### EXERCISE MATERIAL
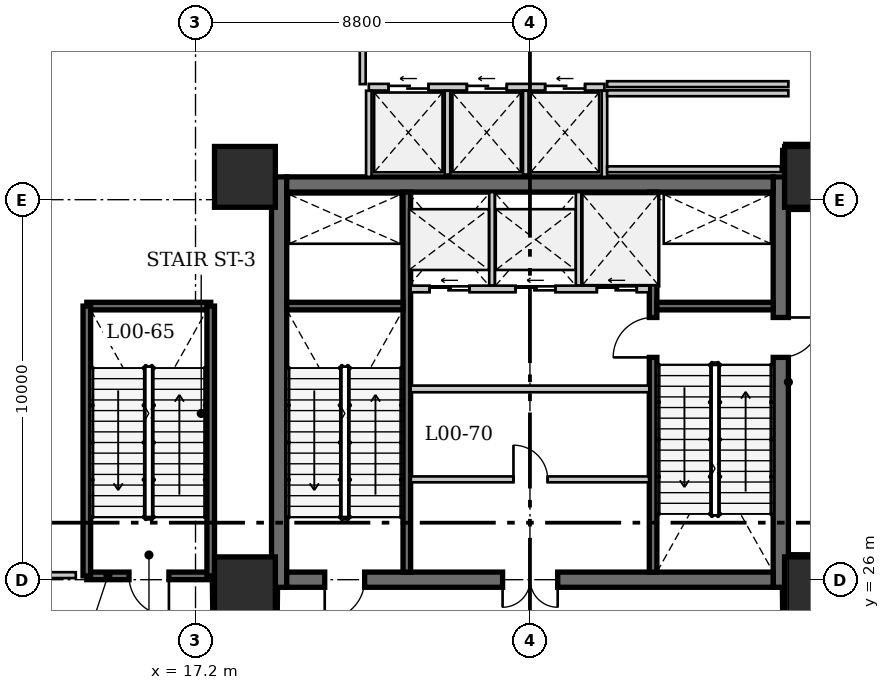
"""IFC4 building model, lengths in metres.
Left out: names, types, materials, properties, quantities, classifications, styles, units other than length and angle.
Written with IfcOpenShell. Run it as: python <this file> out.ifc"""

import sys

from ifc_helpers import new_model, si_unit, direction, frame, frame_2d, origin, origin_2d, place, context, subcontext, project, spatial, rectangle, extrude, source, transform, mapped, element, fill, save


model = new_model("IFC4")
c1 = context("Model", 3, precision=1e-05, world=origin(), true_north=direction((0.0, 1.0)))
c2 = subcontext(c1, "Body", "Model", "MODEL_VIEW")
j1 = project(units=[si_unit("LENGTHUNIT", "METRE"), si_unit("PLANEANGLEUNIT", "RADIAN")], contexts=[c1])
p1 = place(None, origin())
s1 = spatial("IfcSite", under=j1, at=p1, CompositionType="ELEMENT")
p2 = place(p1, origin())
s2 = spatial("IfcBuilding", under=s1, at=p2, CompositionType="ELEMENT")
p3 = place(p2, origin())
s3 = spatial("IfcBuildingStorey", under=s2, at=p3, CompositionType="ELEMENT", Elevation=0.0)
for number, where, z_axis, x_axis in (
    (1, (18.5, 25.8, 0.0), (0.0, 0.0, 1.0), (1.0, 0.0, 0.0)),
    (2, (18.5, 36.6, 0.0), (0.0, 0.0, 1.0), (1.0, 0.0, 0.0)),
    (3, (33.5, 25.8, 0.0), (0.0, 0.0, 1.0), (1.0, 0.0, 0.0)),
    (4, (33.5, 36.6, 0.0), (0.0, 0.0, 1.0), (1.0, 0.0, 0.0)),
):
    element("IfcColumn", number, at=place(p3, frame(where, z_axis=z_axis, x_axis=x_axis)), inside=s3, PredefinedType="COLUMN", context=c2, shape_type="SweptSolid", body=[
        extrude(rectangle(XDim=1.6, YDim=1.6, at=origin_2d()), origin(), (0.0, 0.0, 1.0), 4.9),
    ])
p4 = place(p3, frame((19.4, 25.8, 0.0), z_axis=(0.0, 0.0, 1.0), x_axis=(0.0, 1.0, 0.0)))
e5 = element("IfcWall", 5, at=p4, inside=s3, PredefinedType="SHEAR", context=c2, shape_type="SweptSolid", body=[
    extrude(rectangle(XDim=10.8, YDim=0.4, at=frame_2d((5.4, 0.0))), origin(), (0.0, 0.0, 1.0), 5.2),
])
p5 = place(p3, frame((32.6, 36.6, 0.0), z_axis=(0.0, 0.0, 1.0), x_axis=(0.0, -1.0, 0.0)))
e6 = element("IfcWall", 6, at=p5, inside=s3, PredefinedType="SHEAR", context=c2, shape_type="SweptSolid", body=[
    extrude(rectangle(XDim=10.8, YDim=0.4, at=frame_2d((5.4, 0.0))), origin(), (0.0, 0.0, 1.0), 5.2),
])
p6 = place(p5, frame((3.7, 0.0, 0.0)))
e7 = element("IfcOpeningElement", 7, at=p6, cuts=e6, PredefinedType="OPENING", context=c2, shape_type="SweptSolid", body=[
    extrude(rectangle(XDim=1.05, YDim=2.15, at=frame_2d((0.525, 1.075))), frame((0.0, 0.21, 0.0), z_axis=(0.0, -1.0, 0.0), x_axis=(1.0, 0.0, 0.0)), (0.0, 0.0, 1.0), 0.42),
])
p7 = place(p3, frame((19.6, 36.4, 0.0), z_axis=(0.0, 0.0, 1.0), x_axis=(1.0, 0.0, 0.0)))
e8 = element("IfcWall", 8, at=p7, inside=s3, PredefinedType="SHEAR", context=c2, shape_type="SweptSolid", body=[
    extrude(rectangle(XDim=12.8, YDim=0.4, at=frame_2d((6.4, 0.0))), origin(), (0.0, 0.0, 1.0), 5.2),
])
p8 = place(p3, frame((32.4, 26.0, 0.0), z_axis=(0.0, 0.0, 1.0), x_axis=(-1.0, 0.0, 0.0)))
e9 = element("IfcWall", 9, at=p8, inside=s3, PredefinedType="SHEAR", context=c2, shape_type="SweptSolid", body=[
    extrude(rectangle(XDim=12.8, YDim=0.4, at=frame_2d((6.4, 0.0))), origin(), (0.0, 0.0, 1.0), 5.2),
])
p9 = place(p8, frame((10.75, 0.0, 0.0)))
e10 = element("IfcOpeningElement", 10, at=p9, cuts=e9, PredefinedType="OPENING", context=c2, shape_type="SweptSolid", body=[
    extrude(rectangle(XDim=1.05, YDim=2.15, at=frame_2d((0.525, 1.075))), frame((0.0, 0.21, 0.0), z_axis=(0.0, -1.0, 0.0), x_axis=(1.0, 0.0, 0.0)), (0.0, 0.0, 1.0), 0.42),
])
p10 = place(p8, frame((5.67, 0.0, 0.0)))
e11 = element("IfcOpeningElement", 11, at=p10, cuts=e9, PredefinedType="OPENING", context=c2, shape_type="SweptSolid", body=[
    extrude(rectangle(XDim=1.45, YDim=2.2, at=frame_2d((0.725, 1.1))), frame((0.0, 0.21, 0.0), z_axis=(0.0, -1.0, 0.0), x_axis=(1.0, 0.0, 0.0)), (0.0, 0.0, 1.0), 0.42),
])
p11 = place(p3, frame((22.76, 26.2, 0.0), z_axis=(0.0, 0.0, 1.0), x_axis=(0.0, 1.0, 0.0)))
e12 = element("IfcWall", 12, at=p11, inside=s3, PredefinedType="SHEAR", context=c2, shape_type="SweptSolid", body=[
    extrude(rectangle(XDim=10.0, YDim=0.2, at=frame_2d((5.0, 0.0))), origin(), (0.0, 0.0, 1.0), 5.2),
])
p12 = place(p3, frame((29.24, 26.2, 0.0), z_axis=(0.0, 0.0, 1.0), x_axis=(0.0, 1.0, 0.0)))
e13 = element("IfcWall", 13, at=p12, inside=s3, PredefinedType="SHEAR", context=c2, shape_type="SweptSolid", body=[
    extrude(rectangle(XDim=10.0, YDim=0.2, at=frame_2d((5.0, 0.0))), origin(), (0.0, 0.0, 1.0), 5.2),
])
p13 = place(p12, frame((5.65, 0.0, 0.0)))
e14 = element("IfcOpeningElement", 14, at=p13, cuts=e13, PredefinedType="OPENING", context=c2, shape_type="SweptSolid", body=[
    extrude(rectangle(XDim=1.05, YDim=2.15, at=frame_2d((0.525, 1.075))), frame((0.0, 0.11, 0.0), z_axis=(0.0, -1.0, 0.0), x_axis=(1.0, 0.0, 0.0)), (0.0, 0.0, 1.0), 0.22),
])
for number, where, z_axis, x_axis in (
    (15, (19.6, 33.2, 0.0), (0.0, 0.0, 1.0), (1.0, 0.0, 0.0)),
    (16, (29.34, 33.2, 0.0), (0.0, 0.0, 1.0), (1.0, 0.0, 0.0)),
):
    element("IfcWall", number, at=place(p3, frame(where, z_axis=z_axis, x_axis=x_axis)), inside=s3, PredefinedType="SHEAR", context=c2, shape_type="SweptSolid", body=[
        extrude(rectangle(XDim=3.06, YDim=0.2, at=frame_2d((1.53, 0.0))), origin(), (0.0, 0.0, 1.0), 5.2),
    ])
p14 = place(p3, frame((22.86, 33.65, 0.0), z_axis=(0.0, 0.0, 1.0), x_axis=(1.0, 0.0, 0.0)))
e17 = element("IfcWall", 17, at=p14, inside=s3, PredefinedType="SOLIDWALL", context=c2, shape_type="SweptSolid", body=[
    extrude(rectangle(XDim=6.28, YDim=0.175, at=frame_2d((3.14, 0.0))), origin(), (0.0, 0.0, 1.0), 4.9),
])
p15 = place(p14, frame((0.5, 0.0, 0.0)))
e18 = element("IfcOpeningElement", 18, at=p15, cuts=e17, PredefinedType="OPENING", context=c2, shape_type="SweptSolid", body=[
    extrude(rectangle(XDim=1.05, YDim=2.15, at=frame_2d((0.525, 1.075))), frame((0.0, 0.098, 0.0), z_axis=(0.0, -1.0, 0.0), x_axis=(1.0, 0.0, 0.0)), (0.0, 0.0, 1.0), 0.195),
])
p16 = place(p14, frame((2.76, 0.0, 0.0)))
######
#### WORK TO BE COMPLETED:
If a line in the entries holds the string "project", copy it.

#### EXERCISE RESPONSE:
from ifc_helpers import new_model, si_unit, direction, frame, frame_2d, origin, origin_2d, place, context, subcontext, project, spatial, rectangle, extrude, source, transform, mapped, element, fill, save
j1 = project(units=[si_unit("LENGTHUNIT", "METRE"), si_unit("PLANEANGLEUNIT", "RADIAN")], contexts=[c1])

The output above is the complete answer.